▶ WHAT YOU NEED TO DO:
The lines of the records that include "direction" should all be copied.
--- START ---
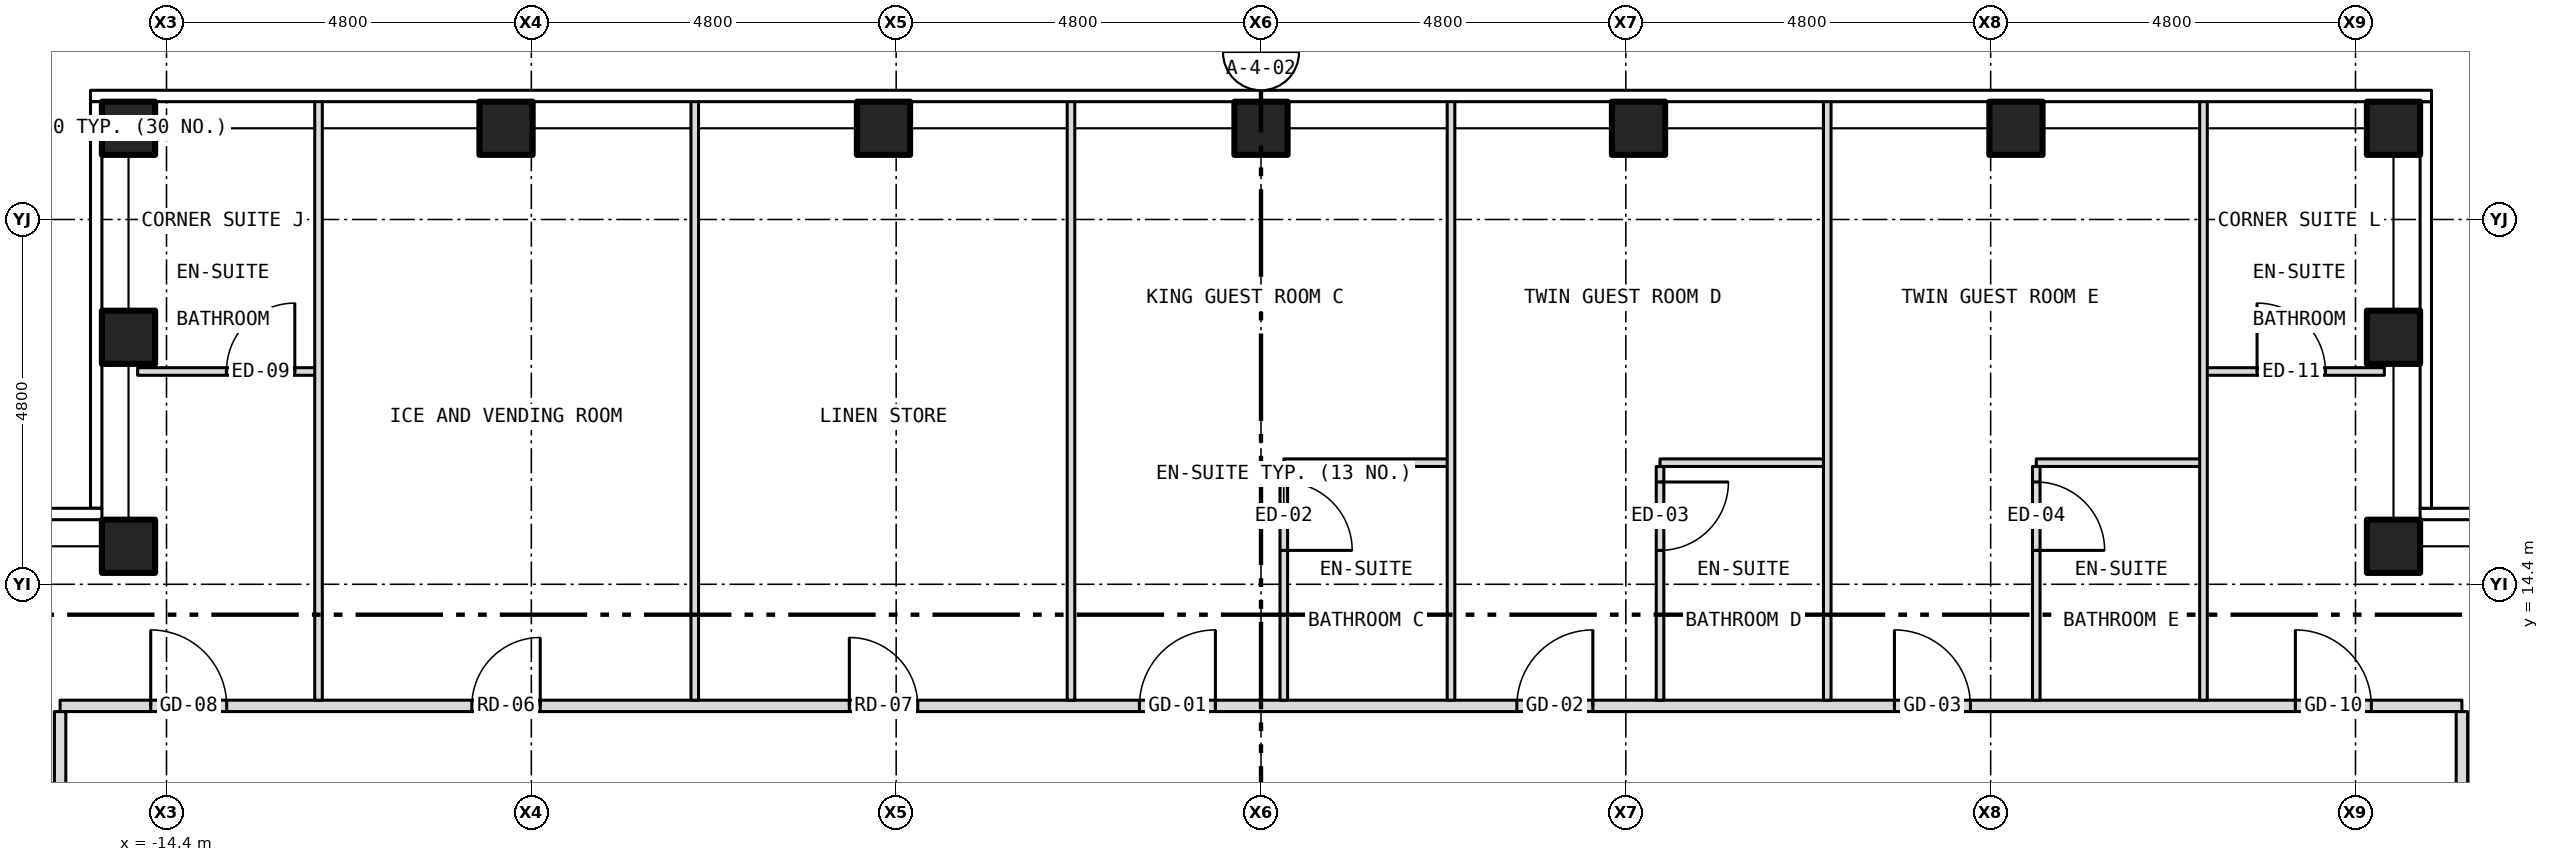
"""IFC4 building model, lengths in metres.
Left out: names, types, materials, properties, quantities, classifications, styles, units other than length and angle.
Written with IfcOpenShell. Run it as: python <this file> out.ifc"""

import sys

from ifc_helpers import new_model, si_unit, direction, frame, frame_2d, origin, origin_2d, place, context, subcontext, project, spatial, rectangle, hollow_rectangle, extrude, element, fill, save


model = new_model("IFC4")
c1 = context("Model", 3, precision=1e-05, world=origin(), true_north=direction((0.0, 1.0)))
c2 = subcontext(c1, "Body", "Model", "MODEL_VIEW")
j1 = project(units=[si_unit("LENGTHUNIT", "METRE"), si_unit("PLANEANGLEUNIT", "RADIAN")], contexts=[c1])
p1 = place(None, origin())
s1 = spatial("IfcSite", under=j1, at=p1, CompositionType="ELEMENT")
p2 = place(p1, origin())
s2 = spatial("IfcBuilding", under=s1, at=p2, CompositionType="ELEMENT")
p3 = place(p2, frame((0.0, 0.0, 208.5)))
s3 = spatial("IfcBuildingStorey", under=s2, at=p3, CompositionType="ELEMENT", Elevation=208.5)
for number, where, z_axis, x_axis in (
    (1, (-14.9, 20.4, -0.15), (0.0, 0.0, 1.0), (1.0, 0.0, 0.0)),
    (2, (-9.933, 20.4, -0.15), (0.0, 0.0, 1.0), (1.0, 0.0, 0.0)),
    (3, (-4.967, 20.4, -0.15), (0.0, 0.0, 1.0), (1.0, 0.0, 0.0)),
    (4, (0.0, 20.4, -0.15), (0.0, 0.0, 1.0), (1.0, 0.0, 0.0)),
    (5, (4.967, 20.4, -0.15), (0.0, 0.0, 1.0), (1.0, 0.0, 0.0)),
    (6, (9.933, 20.4, -0.15), (0.0, 0.0, 1.0), (1.0, 0.0, 0.0)),
    (7, (14.9, 20.4, -0.15), (0.0, 0.0, 1.0), (1.0, 0.0, 0.0)),
    (8, (-14.9, 14.9, -0.15), (0.0, 0.0, 1.0), (1.0, 0.0, 0.0)),
    (9, (-14.9, 17.65, -0.15), (0.0, 0.0, 1.0), (1.0, 0.0, 0.0)),
    (10, (14.9, 14.9, -0.15), (0.0, 0.0, 1.0), (1.0, 0.0, 0.0)),
    (11, (14.9, 17.65, -0.15), (0.0, 0.0, 1.0), (1.0, 0.0, 0.0)),
):
    element("IfcColumn", number, at=place(p3, frame(where, z_axis=z_axis, x_axis=x_axis)), inside=s3, PredefinedType="COLUMN", context=c2, shape_type="SweptSolid", body=[
        extrude(hollow_rectangle(XDim=0.7, YDim=0.7, WallThickness=0.04, at=origin_2d()), origin(), (0.0, 0.0, 1.0), 3.5),
    ])
p4 = place(p3, frame((-15.8, 12.8, 0.0), z_axis=(0.0, 0.0, 1.0), x_axis=(1.0, 0.0, 0.0)))
e12 = element("IfcWall", 12, at=p4, inside=s3, PredefinedType="PARTITIONING", context=c2, shape_type="SweptSolid", body=[
    extrude(rectangle(XDim=31.6, YDim=0.15, at=frame_2d((15.8, 0.0))), origin(), (0.0, 0.0, 1.0), 3.35),
])
p5 = place(p4, frame((5.417, 0.0, 0.0)))
e13 = element("IfcOpeningElement", 13, at=p5, cuts=e12, PredefinedType="OPENING", context=c2, shape_type="SweptSolid", body=[
    extrude(rectangle(XDim=0.9, YDim=2.1, at=frame_2d((0.45, 1.05))), frame((0.0, 0.087, 0.0), z_axis=(0.0, -1.0, 0.0), x_axis=(1.0, 0.0, 0.0)), (0.0, 0.0, 1.0), 0.174),
])
p6 = place(p4, frame((10.384, 0.0, 0.0)))
e14 = element("IfcOpeningElement", 14, at=p6, cuts=e12, PredefinedType="OPENING", context=c2, shape_type="SweptSolid", body=[
    extrude(rectangle(XDim=0.9, YDim=2.1, at=frame_2d((0.45, 1.05))), frame((0.0, 0.087, 0.0), z_axis=(0.0, -1.0, 0.0), x_axis=(1.0, 0.0, 0.0)), (0.0, 0.0, 1.0), 0.174),
])
p7 = place(p4, frame((14.2, 0.0, 0.0)))
e15 = element("IfcOpeningElement", 15, at=p7, cuts=e12, PredefinedType="OPENING", context=c2, shape_type="SweptSolid", body=[
    extrude(rectangle(XDim=1.0, YDim=2.1, at=frame_2d((0.5, 1.05))), frame((0.0, 0.087, 0.0), z_axis=(0.0, -1.0, 0.0), x_axis=(1.0, 0.0, 0.0)), (0.0, 0.0, 1.0), 0.174),
])
p8 = place(p4, frame((19.166, 0.0, 0.0)))
e16 = element("IfcOpeningElement", 16, at=p8, cuts=e12, PredefinedType="OPENING", context=c2, shape_type="SweptSolid", body=[
    extrude(rectangle(XDim=1.0, YDim=2.1, at=frame_2d((0.5, 1.05))), frame((0.0, 0.087, 0.0), z_axis=(0.0, -1.0, 0.0), x_axis=(1.0, 0.0, 0.0)), (0.0, 0.0, 1.0), 0.174),
])
p9 = place(p4, frame((24.134, 0.0, 0.0)))
e17 = element("IfcOpeningElement", 17, at=p9, cuts=e12, PredefinedType="OPENING", context=c2, shape_type="SweptSolid", body=[
    extrude(rectangle(XDim=1.0, YDim=2.1, at=frame_2d((0.5, 1.05))), frame((0.0, 0.087, 0.0), z_axis=(0.0, -1.0, 0.0), x_axis=(1.0, 0.0, 0.0)), (0.0, 0.0, 1.0), 0.174),
])
p10 = place(p4, frame((1.192, 0.0, 0.0)))
e18 = element("IfcOpeningElement", 18, at=p10, cuts=e12, PredefinedType="OPENING", context=c2, shape_type="SweptSolid", body=[
    extrude(rectangle(XDim=1.0, YDim=2.1, at=frame_2d((0.5, 1.05))), frame((0.0, 0.087, 0.0), z_axis=(0.0, -1.0, 0.0), x_axis=(1.0, 0.0, 0.0)), (0.0, 0.0, 1.0), 0.174),
])
p11 = place(p4, frame((29.409, 0.0, 0.0)))
e19 = element("IfcOpeningElement", 19, at=p11, cuts=e12, PredefinedType="OPENING", context=c2, shape_type="SweptSolid", body=[
    extrude(rectangle(XDim=1.0, YDim=2.1, at=frame_2d((0.5, 1.05))), frame((0.0, 0.087, 0.0), z_axis=(0.0, -1.0, 0.0), x_axis=(1.0, 0.0, 0.0)), (0.0, 0.0, 1.0), 0.174),
])
for number, where, z_axis, x_axis in (
    (20, (0.3, 16.0, 0.0), (0.0, 0.0, 1.0), (1.0, 0.0, 0.0)),
    (21, (5.25, 16.0, 0.0), (0.0, 0.0, 1.0), (1.0, 0.0, 0.0)),
    (22, (10.2, 16.0, 0.0), (0.0, 0.0, 1.0), (1.0, 0.0, 0.0)),
):
    element("IfcWall", number, at=place(p3, frame(where, z_axis=z_axis, x_axis=x_axis)), inside=s3, PredefinedType="PARTITIONING", context=c2, shape_type="SweptSolid", body=[
        extrude(rectangle(XDim=2.2, YDim=0.1, at=frame_2d((1.1, 0.0))), origin(), (0.0, 0.0, 1.0), 3.35),
    ])
p12 = place(p3, frame((-14.78, 17.2, 0.0), z_axis=(0.0, 0.0, 1.0), x_axis=(1.0, 0.0, 0.0)))
e23 = element("IfcWall", 23, at=p12, inside=s3, PredefinedType="PARTITIONING", context=c2, shape_type="SweptSolid", body=[
    extrude(rectangle(XDim=2.38, YDim=0.1, at=frame_2d((1.19, 0.0))), origin(), (0.0, 0.0, 1.0), 3.35),
])
p13 = place(p12, frame((1.168, 0.0, 0.0)))
e24 = element("IfcOpeningElement", 24, at=p13, cuts=e23, PredefinedType="OPENING", context=c2, shape_type="SweptSolid", body=[
    extrude(rectangle(XDim=0.9, YDim=2.1, at=frame_2d((0.45, 1.05))), frame((0.0, 0.062, 0.0), z_axis=(0.0, -1.0, 0.0), x_axis=(1.0, 0.0, 0.0)), (0.0, 0.0, 1.0), 0.124),
])
p14 = place(p3, frame((12.4, 17.2, 0.0), z_axis=(0.0, 0.0, 1.0), x_axis=(1.0, 0.0, 0.0)))
e25 = element("IfcWall", 25, at=p14, inside=s3, PredefinedType="PARTITIONING", context=c2, shape_type="SweptSolid", body=[
    extrude(rectangle(XDim=2.38, YDim=0.1, at=frame_2d((1.19, 0.0))), origin(), (0.0, 0.0, 1.0), 3.35),
])
p15 = place(p14, frame((0.705, 0.0, 0.0)))
e26 = element("IfcOpeningElement", 26, at=p15, cuts=e25, PredefinedType="OPENING", context=c2, shape_type="SweptSolid", body=[
    extrude(rectangle(XDim=0.9, YDim=2.1, at=frame_2d((0.45, 1.05))), frame((0.0, 0.062, 0.0), z_axis=(0.0, -1.0, 0.0), x_axis=(1.0, 0.0, 0.0)), (0.0, 0.0, 1.0), 0.124),
])
p16 = place(p3, frame((-15.8, 10.92, 0.0), z_axis=(0.0, 0.0, 1.0), x_axis=(0.0, 1.0, 0.0)))
e27 = element("IfcWall", 27, at=p16, inside=s3, PredefinedType="PARTITIONING", context=c2, shape_type="SweptSolid", body=[
    extrude(rectangle(XDim=1.805, YDim=0.15, at=frame_2d((0.903, 0.0))), origin(), (0.0, 0.0, 1.0), 3.35),
])
for number, where, z_axis, x_axis in (
    (28, (-12.4, 12.875, 0.0), (0.0, 0.0, 1.0), (0.0, 1.0, 0.0)),
    (29, (-7.45, 12.875, 0.0), (0.0, 0.0, 1.0), (0.0, 1.0, 0.0)),
    (30, (-2.5, 12.875, 0.0), (0.0, 0.0, 1.0), (0.0, 1.0, 0.0)),
):
    element("IfcWall", number, at=place(p3, frame(where, z_axis=z_axis, x_axis=x_axis)), inside=s3, PredefinedType="PARTITIONING", context=c2, shape_type="SweptSolid", body=[
        extrude(rectangle(XDim=7.905, YDim=0.1, at=frame_2d((3.953, 0.0))), origin(), (0.0, 0.0, 1.0), 3.35),
    ])
p17 = place(p3, frame((0.3, 12.875, 0.0), z_axis=(0.0, 0.0, 1.0), x_axis=(0.0, 1.0, 0.0)))
e31 = element("IfcWall", 31, at=p17, inside=s3, PredefinedType="PARTITIONING", context=c2, shape_type="SweptSolid", body=[
    extrude(rectangle(XDim=3.075, YDim=0.1, at=frame_2d((1.538, 0.0))), origin(), (0.0, 0.0, 1.0), 3.35),
])
p18 = place(p17, frame((1.971, 0.0, 0.0)))
e32 = element("IfcOpeningElement", 32, at=p18, cuts=e31, PredefinedType="OPENING", context=c2, shape_type="SweptSolid", body=[
    extrude(rectangle(XDim=0.9, YDim=2.1, at=frame_2d((0.45, 1.05))), frame((0.0, 0.062, 0.0), z_axis=(0.0, -1.0, 0.0), x_axis=(1.0, 0.0, 0.0)), (0.0, 0.0, 1.0), 0.124),
])
p19 = place(p3, frame((2.5, 12.875, 0.0), z_axis=(0.0, 0.0, 1.0), x_axis=(0.0, 1.0, 0.0)))
e33 = element("IfcWall", 33, at=p19, inside=s3, PredefinedType="PARTITIONING", context=c2, shape_type="SweptSolid", body=[
    extrude(rectangle(XDim=7.905, YDim=0.1, at=frame_2d((3.953, 0.0))), origin(), (0.0, 0.0, 1.0), 3.35),
])
p20 = place(p3, frame((5.25, 12.875, 0.0), z_axis=(0.0, 0.0, 1.0), x_axis=(0.0, 1.0, 0.0)))
e34 = element("IfcWall", 34, at=p20, inside=s3, PredefinedType="PARTITIONING", context=c2, shape_type="SweptSolid", body=[
    extrude(rectangle(XDim=3.075, YDim=0.1, at=frame_2d((1.538, 0.0))), origin(), (0.0, 0.0, 1.0), 3.35),
])
p21 = place(p20, frame((1.971, 0.0, 0.0)))
e35 = element("IfcOpeningElement", 35, at=p21, cuts=e34, PredefinedType="OPENING", context=c2, shape_type="SweptSolid", body=[
    extrude(rectangle(XDim=0.9, YDim=2.1, at=frame_2d((0.45, 1.05))), frame((0.0, 0.062, 0.0), z_axis=(0.0, -1.0, 0.0), x_axis=(1.0, 0.0, 0.0)), (0.0, 0.0, 1.0), 0.124),
])
p22 = place(p3, frame((7.45, 12.875, 0.0), z_axis=(0.0, 0.0, 1.0), x_axis=(0.0, 1.0, 0.0)))
e36 = element("IfcWall", 36, at=p22, inside=s3, PredefinedType="PARTITIONING", context=c2, shape_type="SweptSolid", body=[
    extrude(rectangle(XDim=7.905, YDim=0.1, at=frame_2d((3.953, 0.0))), origin(), (0.0, 0.0, 1.0), 3.35),
])
p23 = place(p3, frame((10.2, 12.875, 0.0), z_axis=(0.0, 0.0, 1.0), x_axis=(0.0, 1.0, 0.0)))
e37 = element("IfcWall", 37, at=p23, inside=s3, PredefinedType="PARTITIONING", context=c2, shape_type="SweptSolid", body=[
    extrude(rectangle(XDim=3.075, YDim=0.1, at=frame_2d((1.538, 0.0))), origin(), (0.0, 0.0, 1.0), 3.35),
])
p24 = place(p23, frame((1.971, 0.0, 0.0)))
e38 = element("IfcOpeningElement", 38, at=p24, cuts=e37, PredefinedType="OPENING", context=c2, shape_type="SweptSolid", body=[
    extrude(rectangle(XDim=0.9, YDim=2.1, at=frame_2d((0.45, 1.05))), frame((0.0, 0.062, 0.0), z_axis=(0.0, -1.0, 0.0), x_axis=(1.0, 0.0, 0.0)), (0.0, 0.0, 1.0), 0.124),
])
p25 = place(p3, frame((12.4, 12.875, 0.0), z_axis=(0.0, 0.0, 1.0), x_axis=(0.0, 1.0, 0.0)))
e39 = element("IfcWall", 39, at=p25, inside=s3, PredefinedType="PARTITIONING", context=c2, shape_type="SweptSolid", body=[
    extrude(rectangle(XDim=7.905, YDim=0.1, at=frame_2d((3.953, 0.0))), origin(), (0.0, 0.0, 1.0), 3.35),
])
p26 = place(p3, frame((15.8, 10.92, 0.0), z_axis=(0.0, 0.0, 1.0), x_axis=(0.0, 1.0, 0.0)))
e40 = element("IfcWall", 40, at=p26, inside=s3, PredefinedType="PARTITIONING", context=c2, shape_type="SweptSolid", body=[
    extrude(rectangle(XDim=1.805, YDim=0.15, at=frame_2d((0.903, 0.0))), origin(), (0.0, 0.0, 1.0), 3.35),
])
p27 = place(p5, origin())
e41 = element("IfcDoor", 41, at=p27, inside=s3, OperationType="SINGLE_SWING_RIGHT", PredefinedType="DOOR", context=c2, shape_type="SweptSolid", body=[
    extrude(rectangle(XDim=0.9, YDim=2.1, at=frame_2d((0.45, 1.05))), frame((0.0, 0.025, 0.0), z_axis=(0.0, -1.0, 0.0), x_axis=(1.0, 0.0, 0.0)), (0.0, 0.0, 1.0), 0.05),
])
fill(e13, e41)
p28 = place(p6, origin())
e42 = element("IfcDoor", 42, at=p28, inside=s3, OperationType="SINGLE_SWING_LEFT", PredefinedType="DOOR", context=c2, shape_type="SweptSolid", body=[
    extrude(rectangle(XDim=0.9, YDim=2.1, at=frame_2d((0.45, 1.05))), frame((0.0, 0.025, 0.0), z_axis=(0.0, -1.0, 0.0), x_axis=(1.0, 0.0, 0.0)), (0.0, 0.0, 1.0), 0.05),
])
fill(e14, e42)
p29 = place(p7, origin())
e43 = element("IfcDoor", 43, at=p29, inside=s3, OperationType="SINGLE_SWING_RIGHT", PredefinedType="DOOR", context=c2, shape_type="SweptSolid", body=[
    extrude(rectangle(XDim=1.0, YDim=2.1, at=frame_2d((0.5, 1.05))), frame((0.0, 0.025, 0.0), z_axis=(0.0, -1.0, 0.0), x_axis=(1.0, 0.0, 0.0)), (0.0, 0.0, 1.0), 0.05),
])
fill(e15, e43)
p30 = place(p18, origin())
e44 = element("IfcDoor", 44, at=p30, inside=s3, OperationType="SINGLE_SWING_LEFT", PredefinedType="DOOR", context=c2, shape_type="SweptSolid", body=[
    extrude(rectangle(XDim=0.9, YDim=2.1, at=frame_2d((0.45, 1.05))), frame((0.0, 0.025, 0.0), z_axis=(0.0, -1.0, 0.0), x_axis=(1.0, 0.0, 0.0)), (0.0, 0.0, 1.0), 0.05),
])
fill(e32, e44)
p31 = place(p8, origin())
e45 = element("IfcDoor", 45, at=p31, inside=s3, OperationType="SINGLE_SWING_RIGHT", PredefinedType="DOOR", context=c2, shape_type="SweptSolid", body=[
    extrude(rectangle(XDim=1.0, YDim=2.1, at=frame_2d((0.5, 1.05))), frame((0.0, 0.025, 0.0), z_axis=(0.0, -1.0, 0.0), x_axis=(1.0, 0.0, 0.0)), (0.0, 0.0, 1.0), 0.05),
])
fill(e16, e45)
p32 = place(p21, origin())
e46 = element("IfcDoor", 46, at=p32, inside=s3, OperationType="SINGLE_SWING_RIGHT", PredefinedType="DOOR", context=c2, shape_type="SweptSolid", body=[
    extrude(rectangle(XDim=0.9, YDim=2.1, at=frame_2d((0.45, 1.05))), frame((0.0, 0.025, 0.0), z_axis=(0.0, -1.0, 0.0), x_axis=(1.0, 0.0, 0.0)), (0.0, 0.0, 1.0), 0.05),
])
fill(e35, e46)
p33 = place(p9, origin())
e47 = element("IfcDoor", 47, at=p33, inside=s3, OperationType="SINGLE_SWING_LEFT", PredefinedType="DOOR", context=c2, shape_type="SweptSolid", body=[
    extrude(rectangle(XDim=1.0, YDim=2.1, at=frame_2d((0.5, 1.05))), frame((0.0, 0.025, 0.0), z_axis=(0.0, -1.0, 0.0), x_axis=(1.0, 0.0, 0.0)), (0.0, 0.0, 1.0), 0.05),
])
fill(e17, e47)
p34 = place(p24, origin())
e48 = element("IfcDoor", 48, at=p34, inside=s3, OperationType="SINGLE_SWING_LEFT", PredefinedType="DOOR", context=c2, shape_type="SweptSolid", body=[
    extrude(rectangle(XDim=0.9, YDim=2.1, at=frame_2d((0.45, 1.05))), frame((0.0, 0.025, 0.0), z_axis=(0.0, -1.0, 0.0), x_axis=(1.0, 0.0, 0.0)), (0.0, 0.0, 1.0), 0.05),
])
fill(e38, e48)
p35 = place(p13, origin())
e49 = element("IfcDoor", 49, at=p35, inside=s3, OperationType="SINGLE_SWING_RIGHT", PredefinedType="DOOR", context=c2, shape_type="SweptSolid", body=[
    extrude(rectangle(XDim=0.9, YDim=2.1, at=frame_2d((0.45, 1.05))), frame((0.0, 0.025, 0.0), z_axis=(0.0, -1.0, 0.0), x_axis=(1.0, 0.0, 0.0)), (0.0, 0.0, 1.0), 0.05),
])
fill(e24, e49)
p36 = place(p10, origin())
e50 = element("IfcDoor", 50, at=p36, inside=s3, OperationType="SINGLE_SWING_LEFT", PredefinedType="DOOR", context=c2, shape_type="SweptSolid", body=[
    extrude(rectangle(XDim=1.0, YDim=2.1, at=frame_2d((0.5, 1.05))), frame((0.0, 0.025, 0.0), z_axis=(0.0, -1.0, 0.0), x_axis=(1.0, 0.0, 0.0)), (0.0, 0.0, 1.0), 0.05),
])
fill(e18, e50)
p37 = place(p15, origin())
e51 = element("IfcDoor", 51, at=p37, inside=s3, OperationType="SINGLE_SWING_LEFT", PredefinedType="DOOR", context=c2, shape_type="SweptSolid", body=[
    extrude(rectangle(XDim=0.9, YDim=2.1, at=frame_2d((0.45, 1.05))), frame((0.0, 0.025, 0.0), z_axis=(0.0, -1.0, 0.0), x_axis=(1.0, 0.0, 0.0)), (0.0, 0.0, 1.0), 0.05),
])
fill(e26, e51)
p38 = place(p11, origin())
e52 = element("IfcDoor", 52, at=p38, inside=s3, OperationType="SINGLE_SWING_LEFT", PredefinedType="DOOR", context=c2, shape_type="SweptSolid", body=[
    extrude(rectangle(XDim=1.0, YDim=2.1, at=frame_2d((0.5, 1.05))), frame((0.0, 0.025, 0.0), z_axis=(0.0, -1.0, 0.0), x_axis=(1.0, 0.0, 0.0)), (0.0, 0.0, 1.0), 0.05),
])
fill(e19, e52)
save(model, sys.argv[1])
--- END ---
▶ RESPONSE AREA:
from ifc_helpers import new_model, si_unit, direction, frame, frame_2d, origin, origin_2d, place, context, subcontext, project, spatial, rectangle, hollow_rectangle, extrude, element, fill, save
c1 = context("Model", 3, precision=1e-05, world=origin(), true_north=direction((0.0, 1.0)))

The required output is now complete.